What the task requires:
Copy every line below that has the word "from" in it.

Stored records:
Content starts

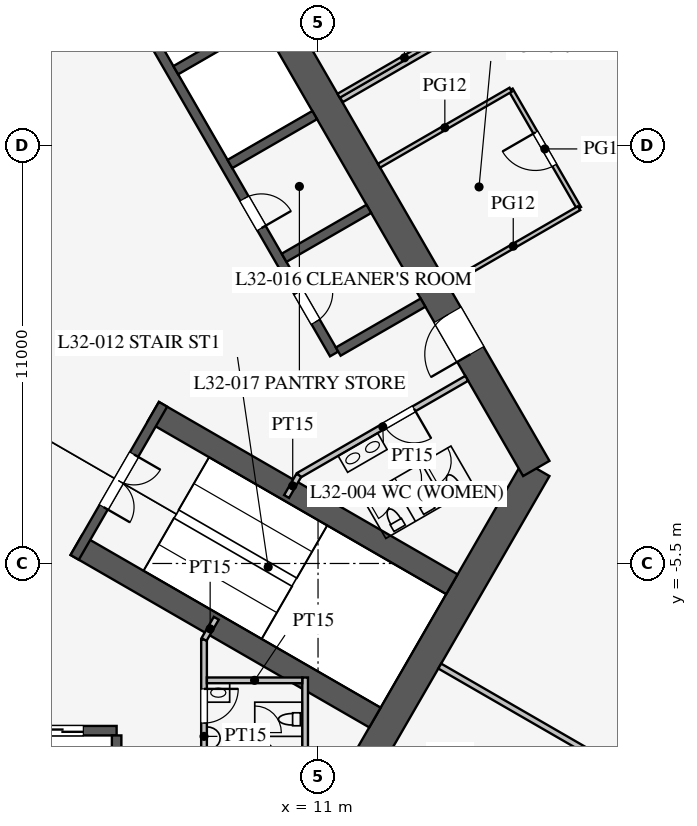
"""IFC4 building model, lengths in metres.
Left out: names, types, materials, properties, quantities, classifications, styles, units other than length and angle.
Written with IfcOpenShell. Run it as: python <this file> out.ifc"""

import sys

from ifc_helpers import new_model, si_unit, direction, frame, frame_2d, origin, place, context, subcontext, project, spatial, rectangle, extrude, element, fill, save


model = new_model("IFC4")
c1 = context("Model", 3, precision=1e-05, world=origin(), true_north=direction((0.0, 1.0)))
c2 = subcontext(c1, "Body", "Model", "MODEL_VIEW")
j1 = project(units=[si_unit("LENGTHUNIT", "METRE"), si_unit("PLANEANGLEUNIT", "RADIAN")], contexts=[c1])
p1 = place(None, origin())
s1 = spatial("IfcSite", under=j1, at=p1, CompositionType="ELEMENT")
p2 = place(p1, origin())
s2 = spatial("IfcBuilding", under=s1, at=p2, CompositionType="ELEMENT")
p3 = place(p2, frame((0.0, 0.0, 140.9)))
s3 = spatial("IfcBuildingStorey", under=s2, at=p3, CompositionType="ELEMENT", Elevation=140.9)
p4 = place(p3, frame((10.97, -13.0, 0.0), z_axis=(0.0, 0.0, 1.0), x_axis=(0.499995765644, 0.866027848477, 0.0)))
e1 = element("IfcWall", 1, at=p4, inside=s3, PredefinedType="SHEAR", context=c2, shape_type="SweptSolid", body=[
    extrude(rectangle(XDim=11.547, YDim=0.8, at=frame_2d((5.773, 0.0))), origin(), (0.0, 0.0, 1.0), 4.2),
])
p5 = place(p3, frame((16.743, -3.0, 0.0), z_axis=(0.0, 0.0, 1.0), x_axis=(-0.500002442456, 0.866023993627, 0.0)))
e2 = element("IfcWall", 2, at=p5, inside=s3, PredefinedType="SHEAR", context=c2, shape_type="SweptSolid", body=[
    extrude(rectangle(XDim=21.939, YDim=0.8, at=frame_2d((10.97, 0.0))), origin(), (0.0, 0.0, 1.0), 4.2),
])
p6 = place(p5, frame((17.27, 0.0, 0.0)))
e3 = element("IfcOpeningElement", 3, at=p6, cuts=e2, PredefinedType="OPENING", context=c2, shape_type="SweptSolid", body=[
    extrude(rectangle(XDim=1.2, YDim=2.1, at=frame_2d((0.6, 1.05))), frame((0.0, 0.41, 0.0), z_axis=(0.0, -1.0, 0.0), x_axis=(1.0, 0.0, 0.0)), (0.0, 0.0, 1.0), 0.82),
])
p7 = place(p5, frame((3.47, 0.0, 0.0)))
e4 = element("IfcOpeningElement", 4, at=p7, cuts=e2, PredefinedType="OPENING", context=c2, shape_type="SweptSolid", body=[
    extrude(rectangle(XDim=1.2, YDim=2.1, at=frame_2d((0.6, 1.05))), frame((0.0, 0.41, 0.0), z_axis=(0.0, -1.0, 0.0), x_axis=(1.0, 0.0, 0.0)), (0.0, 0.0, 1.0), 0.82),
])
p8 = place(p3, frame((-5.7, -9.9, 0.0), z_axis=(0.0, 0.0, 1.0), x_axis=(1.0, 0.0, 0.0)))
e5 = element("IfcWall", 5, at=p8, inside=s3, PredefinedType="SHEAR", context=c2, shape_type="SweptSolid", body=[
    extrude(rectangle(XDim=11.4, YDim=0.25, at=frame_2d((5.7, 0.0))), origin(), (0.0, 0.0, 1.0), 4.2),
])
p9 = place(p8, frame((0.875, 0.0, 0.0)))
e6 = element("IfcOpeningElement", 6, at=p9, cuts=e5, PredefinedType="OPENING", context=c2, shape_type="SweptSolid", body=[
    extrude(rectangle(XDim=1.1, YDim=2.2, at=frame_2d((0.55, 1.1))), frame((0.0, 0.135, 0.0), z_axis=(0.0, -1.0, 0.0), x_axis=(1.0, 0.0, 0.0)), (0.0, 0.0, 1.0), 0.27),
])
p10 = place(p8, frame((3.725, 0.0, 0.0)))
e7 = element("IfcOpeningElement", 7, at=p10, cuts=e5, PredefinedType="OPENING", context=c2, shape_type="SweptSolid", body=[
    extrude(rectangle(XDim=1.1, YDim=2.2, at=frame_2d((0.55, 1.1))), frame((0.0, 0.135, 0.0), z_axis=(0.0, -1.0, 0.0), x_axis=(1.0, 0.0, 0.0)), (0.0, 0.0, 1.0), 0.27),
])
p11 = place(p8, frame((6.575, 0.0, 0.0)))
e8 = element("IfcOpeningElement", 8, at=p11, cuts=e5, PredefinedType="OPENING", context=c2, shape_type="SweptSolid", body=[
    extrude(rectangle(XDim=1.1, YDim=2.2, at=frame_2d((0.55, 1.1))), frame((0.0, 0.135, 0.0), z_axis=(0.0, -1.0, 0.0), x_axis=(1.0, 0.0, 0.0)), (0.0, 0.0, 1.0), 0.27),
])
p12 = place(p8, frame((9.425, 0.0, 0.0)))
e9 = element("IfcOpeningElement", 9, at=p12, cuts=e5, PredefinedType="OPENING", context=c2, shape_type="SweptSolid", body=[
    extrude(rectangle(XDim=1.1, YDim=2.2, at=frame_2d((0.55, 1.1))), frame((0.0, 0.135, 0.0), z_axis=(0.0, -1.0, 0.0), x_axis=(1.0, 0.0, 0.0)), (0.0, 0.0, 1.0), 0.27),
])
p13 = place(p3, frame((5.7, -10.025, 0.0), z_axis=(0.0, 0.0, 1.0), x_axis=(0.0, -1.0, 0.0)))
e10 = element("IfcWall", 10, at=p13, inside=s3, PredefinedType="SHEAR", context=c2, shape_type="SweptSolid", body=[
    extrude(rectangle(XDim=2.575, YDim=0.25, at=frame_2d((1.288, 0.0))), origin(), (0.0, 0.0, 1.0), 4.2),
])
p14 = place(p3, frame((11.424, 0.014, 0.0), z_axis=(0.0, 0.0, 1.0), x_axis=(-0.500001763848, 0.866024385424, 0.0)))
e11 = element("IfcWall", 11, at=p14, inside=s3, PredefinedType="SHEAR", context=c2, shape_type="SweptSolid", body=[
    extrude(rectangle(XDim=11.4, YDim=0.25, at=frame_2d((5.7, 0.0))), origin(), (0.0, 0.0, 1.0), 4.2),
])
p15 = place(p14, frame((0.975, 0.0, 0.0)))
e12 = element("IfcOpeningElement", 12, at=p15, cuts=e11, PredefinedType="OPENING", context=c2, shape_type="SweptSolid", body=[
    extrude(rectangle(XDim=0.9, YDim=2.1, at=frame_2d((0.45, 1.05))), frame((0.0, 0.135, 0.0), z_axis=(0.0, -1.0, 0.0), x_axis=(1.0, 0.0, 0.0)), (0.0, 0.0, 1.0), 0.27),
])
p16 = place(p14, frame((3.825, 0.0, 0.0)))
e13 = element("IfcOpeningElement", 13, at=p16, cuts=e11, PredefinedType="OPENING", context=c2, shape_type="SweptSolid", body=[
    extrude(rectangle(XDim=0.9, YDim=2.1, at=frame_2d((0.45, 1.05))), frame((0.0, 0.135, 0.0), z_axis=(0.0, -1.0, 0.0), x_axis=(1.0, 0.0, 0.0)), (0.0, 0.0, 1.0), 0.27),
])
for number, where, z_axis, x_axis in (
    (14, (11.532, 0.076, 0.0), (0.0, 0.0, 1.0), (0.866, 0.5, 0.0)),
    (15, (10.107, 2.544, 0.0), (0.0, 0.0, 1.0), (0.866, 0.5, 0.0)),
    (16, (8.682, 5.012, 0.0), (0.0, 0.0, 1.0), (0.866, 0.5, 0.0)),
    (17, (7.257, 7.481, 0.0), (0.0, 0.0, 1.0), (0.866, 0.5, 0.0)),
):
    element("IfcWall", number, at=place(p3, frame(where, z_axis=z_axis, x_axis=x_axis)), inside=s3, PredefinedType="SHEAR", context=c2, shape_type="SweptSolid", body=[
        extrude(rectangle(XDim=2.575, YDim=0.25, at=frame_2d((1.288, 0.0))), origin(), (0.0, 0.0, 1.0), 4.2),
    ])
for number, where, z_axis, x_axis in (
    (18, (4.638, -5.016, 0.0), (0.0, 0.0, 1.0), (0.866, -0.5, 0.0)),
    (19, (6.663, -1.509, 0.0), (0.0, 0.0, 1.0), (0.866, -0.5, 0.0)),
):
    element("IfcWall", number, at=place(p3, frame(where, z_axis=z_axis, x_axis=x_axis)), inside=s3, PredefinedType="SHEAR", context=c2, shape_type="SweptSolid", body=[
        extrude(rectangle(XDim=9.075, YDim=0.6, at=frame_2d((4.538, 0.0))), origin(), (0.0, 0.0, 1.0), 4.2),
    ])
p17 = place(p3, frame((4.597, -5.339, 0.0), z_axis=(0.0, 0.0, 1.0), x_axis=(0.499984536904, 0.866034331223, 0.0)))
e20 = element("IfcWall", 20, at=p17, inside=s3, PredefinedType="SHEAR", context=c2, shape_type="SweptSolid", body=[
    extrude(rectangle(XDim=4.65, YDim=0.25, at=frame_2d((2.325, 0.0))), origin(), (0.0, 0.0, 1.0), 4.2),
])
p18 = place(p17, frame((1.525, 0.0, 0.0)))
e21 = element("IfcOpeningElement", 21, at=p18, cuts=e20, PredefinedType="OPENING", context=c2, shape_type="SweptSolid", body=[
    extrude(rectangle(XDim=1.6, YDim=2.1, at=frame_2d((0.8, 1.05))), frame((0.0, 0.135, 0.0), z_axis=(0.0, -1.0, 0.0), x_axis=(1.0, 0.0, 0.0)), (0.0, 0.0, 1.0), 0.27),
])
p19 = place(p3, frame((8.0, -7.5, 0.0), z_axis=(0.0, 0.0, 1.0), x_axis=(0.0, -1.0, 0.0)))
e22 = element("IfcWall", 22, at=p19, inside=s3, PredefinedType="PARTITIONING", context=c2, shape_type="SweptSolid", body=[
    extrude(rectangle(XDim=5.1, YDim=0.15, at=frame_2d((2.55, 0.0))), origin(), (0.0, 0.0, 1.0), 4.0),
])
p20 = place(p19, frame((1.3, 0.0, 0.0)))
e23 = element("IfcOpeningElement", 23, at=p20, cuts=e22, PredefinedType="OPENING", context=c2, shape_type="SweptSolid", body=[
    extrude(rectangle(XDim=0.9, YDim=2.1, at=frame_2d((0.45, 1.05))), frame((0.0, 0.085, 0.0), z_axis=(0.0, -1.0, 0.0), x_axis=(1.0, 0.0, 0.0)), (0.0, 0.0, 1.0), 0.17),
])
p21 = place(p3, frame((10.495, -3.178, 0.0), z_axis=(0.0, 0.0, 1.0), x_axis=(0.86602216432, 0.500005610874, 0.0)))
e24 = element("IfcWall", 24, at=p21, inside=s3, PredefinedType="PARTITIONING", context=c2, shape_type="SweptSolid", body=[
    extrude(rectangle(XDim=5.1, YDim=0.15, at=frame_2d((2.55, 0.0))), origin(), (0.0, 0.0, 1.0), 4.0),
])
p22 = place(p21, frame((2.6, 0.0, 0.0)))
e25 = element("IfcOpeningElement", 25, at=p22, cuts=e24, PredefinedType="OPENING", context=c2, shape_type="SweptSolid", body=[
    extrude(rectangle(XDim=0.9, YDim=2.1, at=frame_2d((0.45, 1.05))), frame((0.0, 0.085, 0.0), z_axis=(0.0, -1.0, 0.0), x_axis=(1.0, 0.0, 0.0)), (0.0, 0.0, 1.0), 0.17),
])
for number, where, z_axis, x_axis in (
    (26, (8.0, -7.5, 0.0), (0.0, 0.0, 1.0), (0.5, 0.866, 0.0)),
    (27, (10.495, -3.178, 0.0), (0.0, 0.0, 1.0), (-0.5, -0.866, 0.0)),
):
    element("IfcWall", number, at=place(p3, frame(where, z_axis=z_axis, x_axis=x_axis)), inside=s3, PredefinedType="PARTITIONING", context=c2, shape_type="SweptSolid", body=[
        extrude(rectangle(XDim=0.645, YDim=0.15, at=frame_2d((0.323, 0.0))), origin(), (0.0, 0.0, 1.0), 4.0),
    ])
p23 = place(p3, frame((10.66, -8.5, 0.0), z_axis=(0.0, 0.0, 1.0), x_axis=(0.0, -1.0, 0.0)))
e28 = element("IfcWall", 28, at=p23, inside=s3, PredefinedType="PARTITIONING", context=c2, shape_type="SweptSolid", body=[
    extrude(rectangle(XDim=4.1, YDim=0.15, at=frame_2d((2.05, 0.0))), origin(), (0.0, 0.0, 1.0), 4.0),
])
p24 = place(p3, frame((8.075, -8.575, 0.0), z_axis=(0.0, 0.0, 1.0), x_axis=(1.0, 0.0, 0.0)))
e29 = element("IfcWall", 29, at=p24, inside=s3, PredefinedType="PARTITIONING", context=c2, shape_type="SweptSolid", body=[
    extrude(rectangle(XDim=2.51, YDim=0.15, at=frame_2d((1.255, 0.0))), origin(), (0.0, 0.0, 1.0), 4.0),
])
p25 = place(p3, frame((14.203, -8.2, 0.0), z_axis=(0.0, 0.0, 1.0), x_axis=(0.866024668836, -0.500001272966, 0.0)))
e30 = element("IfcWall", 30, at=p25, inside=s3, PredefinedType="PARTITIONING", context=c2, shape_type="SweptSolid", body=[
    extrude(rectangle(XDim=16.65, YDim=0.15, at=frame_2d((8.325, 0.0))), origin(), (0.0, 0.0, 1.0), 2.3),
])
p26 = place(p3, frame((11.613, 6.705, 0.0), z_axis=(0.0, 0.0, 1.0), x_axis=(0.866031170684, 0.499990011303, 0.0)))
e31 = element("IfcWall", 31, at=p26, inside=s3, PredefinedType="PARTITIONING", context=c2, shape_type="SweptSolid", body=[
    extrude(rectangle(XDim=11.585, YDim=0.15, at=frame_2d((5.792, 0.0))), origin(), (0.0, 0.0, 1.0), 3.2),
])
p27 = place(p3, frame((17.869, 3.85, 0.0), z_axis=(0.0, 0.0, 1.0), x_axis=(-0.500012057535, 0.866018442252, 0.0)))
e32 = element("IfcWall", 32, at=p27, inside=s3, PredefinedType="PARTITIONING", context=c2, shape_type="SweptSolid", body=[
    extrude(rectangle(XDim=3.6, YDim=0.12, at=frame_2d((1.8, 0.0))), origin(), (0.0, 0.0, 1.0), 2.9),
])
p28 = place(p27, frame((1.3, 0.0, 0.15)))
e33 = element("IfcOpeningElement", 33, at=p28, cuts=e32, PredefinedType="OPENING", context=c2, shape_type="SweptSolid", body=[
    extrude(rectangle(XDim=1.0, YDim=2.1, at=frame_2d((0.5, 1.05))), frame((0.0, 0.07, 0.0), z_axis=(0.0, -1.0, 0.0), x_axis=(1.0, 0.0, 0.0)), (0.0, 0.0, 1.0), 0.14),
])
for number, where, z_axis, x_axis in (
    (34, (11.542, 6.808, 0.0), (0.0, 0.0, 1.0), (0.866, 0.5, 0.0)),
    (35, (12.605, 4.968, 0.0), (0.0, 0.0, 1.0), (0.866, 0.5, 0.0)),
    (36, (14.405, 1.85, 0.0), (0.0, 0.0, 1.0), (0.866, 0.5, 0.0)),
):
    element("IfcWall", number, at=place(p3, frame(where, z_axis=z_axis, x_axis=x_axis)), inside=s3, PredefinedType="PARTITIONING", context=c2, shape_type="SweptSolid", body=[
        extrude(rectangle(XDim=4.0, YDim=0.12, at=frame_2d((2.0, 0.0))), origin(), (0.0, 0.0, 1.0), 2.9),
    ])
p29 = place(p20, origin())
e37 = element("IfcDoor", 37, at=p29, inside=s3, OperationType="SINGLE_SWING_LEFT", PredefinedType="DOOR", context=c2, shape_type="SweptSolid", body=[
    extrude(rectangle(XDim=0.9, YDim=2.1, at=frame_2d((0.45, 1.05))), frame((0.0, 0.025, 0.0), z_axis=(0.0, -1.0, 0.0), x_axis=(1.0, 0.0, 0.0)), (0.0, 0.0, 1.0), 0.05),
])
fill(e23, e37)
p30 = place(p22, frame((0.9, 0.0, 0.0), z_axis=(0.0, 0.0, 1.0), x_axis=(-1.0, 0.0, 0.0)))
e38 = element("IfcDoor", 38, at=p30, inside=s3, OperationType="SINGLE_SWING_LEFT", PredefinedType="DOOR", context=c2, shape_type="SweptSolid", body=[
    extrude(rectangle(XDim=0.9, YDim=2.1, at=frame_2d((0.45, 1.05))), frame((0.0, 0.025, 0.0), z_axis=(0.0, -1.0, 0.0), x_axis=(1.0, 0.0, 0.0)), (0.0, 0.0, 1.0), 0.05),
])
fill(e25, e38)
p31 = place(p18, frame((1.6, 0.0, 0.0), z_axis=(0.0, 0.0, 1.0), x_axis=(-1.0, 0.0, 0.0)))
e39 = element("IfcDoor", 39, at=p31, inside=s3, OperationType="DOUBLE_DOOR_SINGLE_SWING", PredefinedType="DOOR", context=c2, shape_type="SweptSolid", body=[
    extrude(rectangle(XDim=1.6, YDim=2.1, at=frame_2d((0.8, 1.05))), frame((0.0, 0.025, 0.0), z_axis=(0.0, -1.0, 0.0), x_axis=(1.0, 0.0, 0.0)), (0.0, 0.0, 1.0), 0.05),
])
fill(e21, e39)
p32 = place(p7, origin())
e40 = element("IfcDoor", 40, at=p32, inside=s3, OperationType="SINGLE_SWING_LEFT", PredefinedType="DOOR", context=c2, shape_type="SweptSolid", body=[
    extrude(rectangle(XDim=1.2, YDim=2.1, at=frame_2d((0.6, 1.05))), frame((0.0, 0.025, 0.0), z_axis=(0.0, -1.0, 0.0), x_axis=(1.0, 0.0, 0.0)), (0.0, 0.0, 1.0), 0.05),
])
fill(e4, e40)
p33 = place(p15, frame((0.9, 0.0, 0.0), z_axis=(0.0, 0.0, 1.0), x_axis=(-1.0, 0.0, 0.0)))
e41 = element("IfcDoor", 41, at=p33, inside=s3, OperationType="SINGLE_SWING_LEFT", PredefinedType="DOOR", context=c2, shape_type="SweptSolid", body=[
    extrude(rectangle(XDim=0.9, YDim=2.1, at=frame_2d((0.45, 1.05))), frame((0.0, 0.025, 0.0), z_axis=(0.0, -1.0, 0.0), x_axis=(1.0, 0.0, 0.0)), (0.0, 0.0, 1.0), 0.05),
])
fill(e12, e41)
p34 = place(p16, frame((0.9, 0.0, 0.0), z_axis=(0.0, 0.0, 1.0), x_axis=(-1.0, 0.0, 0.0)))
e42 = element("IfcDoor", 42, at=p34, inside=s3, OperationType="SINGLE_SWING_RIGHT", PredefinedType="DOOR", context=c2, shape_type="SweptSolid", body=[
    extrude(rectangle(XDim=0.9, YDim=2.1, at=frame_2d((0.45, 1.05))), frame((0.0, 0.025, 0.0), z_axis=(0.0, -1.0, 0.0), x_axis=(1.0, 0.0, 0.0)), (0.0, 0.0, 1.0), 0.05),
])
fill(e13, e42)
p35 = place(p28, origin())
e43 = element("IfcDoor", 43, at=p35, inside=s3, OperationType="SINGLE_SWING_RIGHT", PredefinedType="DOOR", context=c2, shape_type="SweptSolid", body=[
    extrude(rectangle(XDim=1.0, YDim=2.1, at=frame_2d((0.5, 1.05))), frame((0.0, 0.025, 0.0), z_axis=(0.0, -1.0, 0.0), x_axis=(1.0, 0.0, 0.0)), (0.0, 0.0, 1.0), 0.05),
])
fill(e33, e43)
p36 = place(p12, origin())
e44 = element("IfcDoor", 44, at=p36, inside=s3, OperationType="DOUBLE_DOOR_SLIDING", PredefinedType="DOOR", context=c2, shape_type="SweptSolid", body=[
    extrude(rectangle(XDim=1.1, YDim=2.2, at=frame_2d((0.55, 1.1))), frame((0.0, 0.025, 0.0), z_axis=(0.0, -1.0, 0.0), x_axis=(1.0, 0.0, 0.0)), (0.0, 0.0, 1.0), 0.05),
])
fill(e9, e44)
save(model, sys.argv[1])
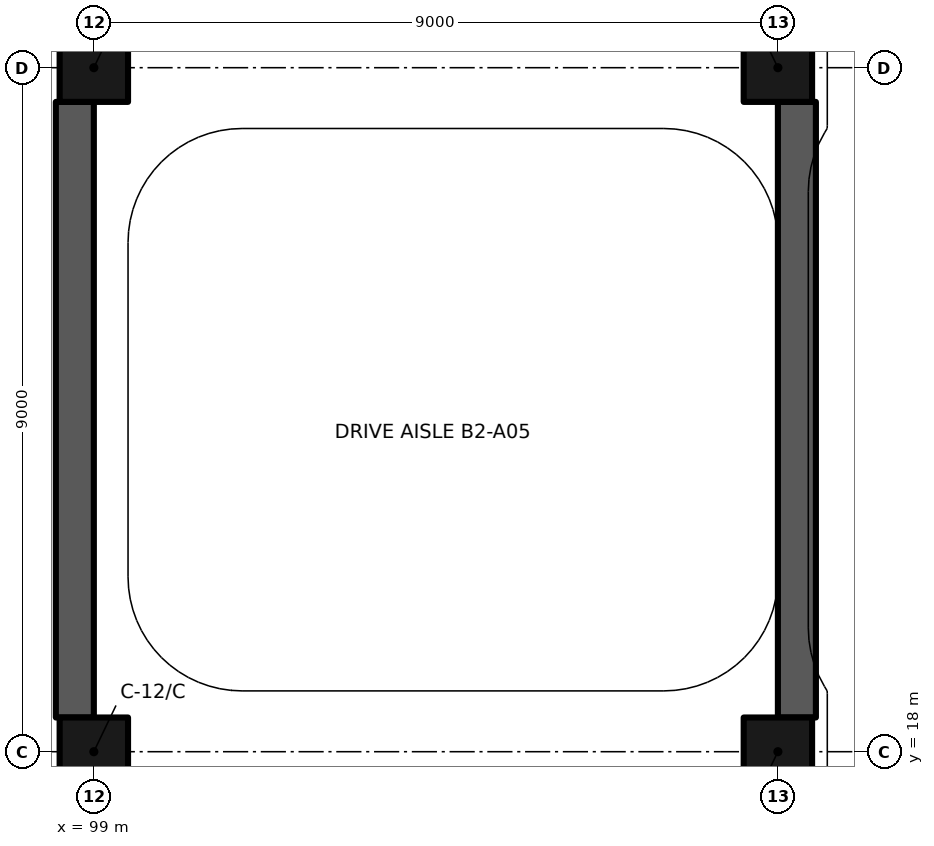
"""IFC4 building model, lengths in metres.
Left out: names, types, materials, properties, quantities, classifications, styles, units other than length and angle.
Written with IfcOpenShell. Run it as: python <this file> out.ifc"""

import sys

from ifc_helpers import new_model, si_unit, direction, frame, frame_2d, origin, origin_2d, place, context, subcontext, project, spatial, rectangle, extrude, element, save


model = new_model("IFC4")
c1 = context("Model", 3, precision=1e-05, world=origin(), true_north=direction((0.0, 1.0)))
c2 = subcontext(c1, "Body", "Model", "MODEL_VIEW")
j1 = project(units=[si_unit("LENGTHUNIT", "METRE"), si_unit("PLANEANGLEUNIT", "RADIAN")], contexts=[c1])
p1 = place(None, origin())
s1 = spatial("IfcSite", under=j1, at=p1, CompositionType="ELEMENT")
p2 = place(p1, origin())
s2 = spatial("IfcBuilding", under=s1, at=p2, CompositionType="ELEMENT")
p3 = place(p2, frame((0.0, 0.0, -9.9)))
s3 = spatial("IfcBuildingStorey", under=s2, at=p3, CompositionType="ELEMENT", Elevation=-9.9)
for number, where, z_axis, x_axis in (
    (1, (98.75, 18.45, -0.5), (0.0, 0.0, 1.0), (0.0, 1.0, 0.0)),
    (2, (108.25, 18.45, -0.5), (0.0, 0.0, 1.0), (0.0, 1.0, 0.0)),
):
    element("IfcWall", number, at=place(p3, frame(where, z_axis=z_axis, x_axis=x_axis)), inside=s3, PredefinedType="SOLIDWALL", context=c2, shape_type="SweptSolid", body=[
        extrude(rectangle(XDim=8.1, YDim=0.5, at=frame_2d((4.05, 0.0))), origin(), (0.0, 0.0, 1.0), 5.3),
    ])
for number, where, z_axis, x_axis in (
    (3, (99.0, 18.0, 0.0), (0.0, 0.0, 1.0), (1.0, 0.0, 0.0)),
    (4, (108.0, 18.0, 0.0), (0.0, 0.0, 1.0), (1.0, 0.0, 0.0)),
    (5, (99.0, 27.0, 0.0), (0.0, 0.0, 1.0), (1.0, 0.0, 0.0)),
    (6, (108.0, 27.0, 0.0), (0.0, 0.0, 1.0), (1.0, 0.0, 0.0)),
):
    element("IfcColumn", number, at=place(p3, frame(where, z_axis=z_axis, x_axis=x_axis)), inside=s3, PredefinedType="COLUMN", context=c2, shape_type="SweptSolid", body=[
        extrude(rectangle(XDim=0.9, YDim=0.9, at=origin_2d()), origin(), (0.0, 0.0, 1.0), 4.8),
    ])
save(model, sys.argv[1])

Content ends

Exercise result:
from ifc_helpers import new_model, si_unit, direction, frame, frame_2d, origin, place, context, subcontext, project, spatial, rectangle, extrude, element, fill, save
from ifc_helpers import new_model, si_unit, direction, frame, frame_2d, origin, origin_2d, place, context, subcontext, project, spatial, rectangle, extrude, element, save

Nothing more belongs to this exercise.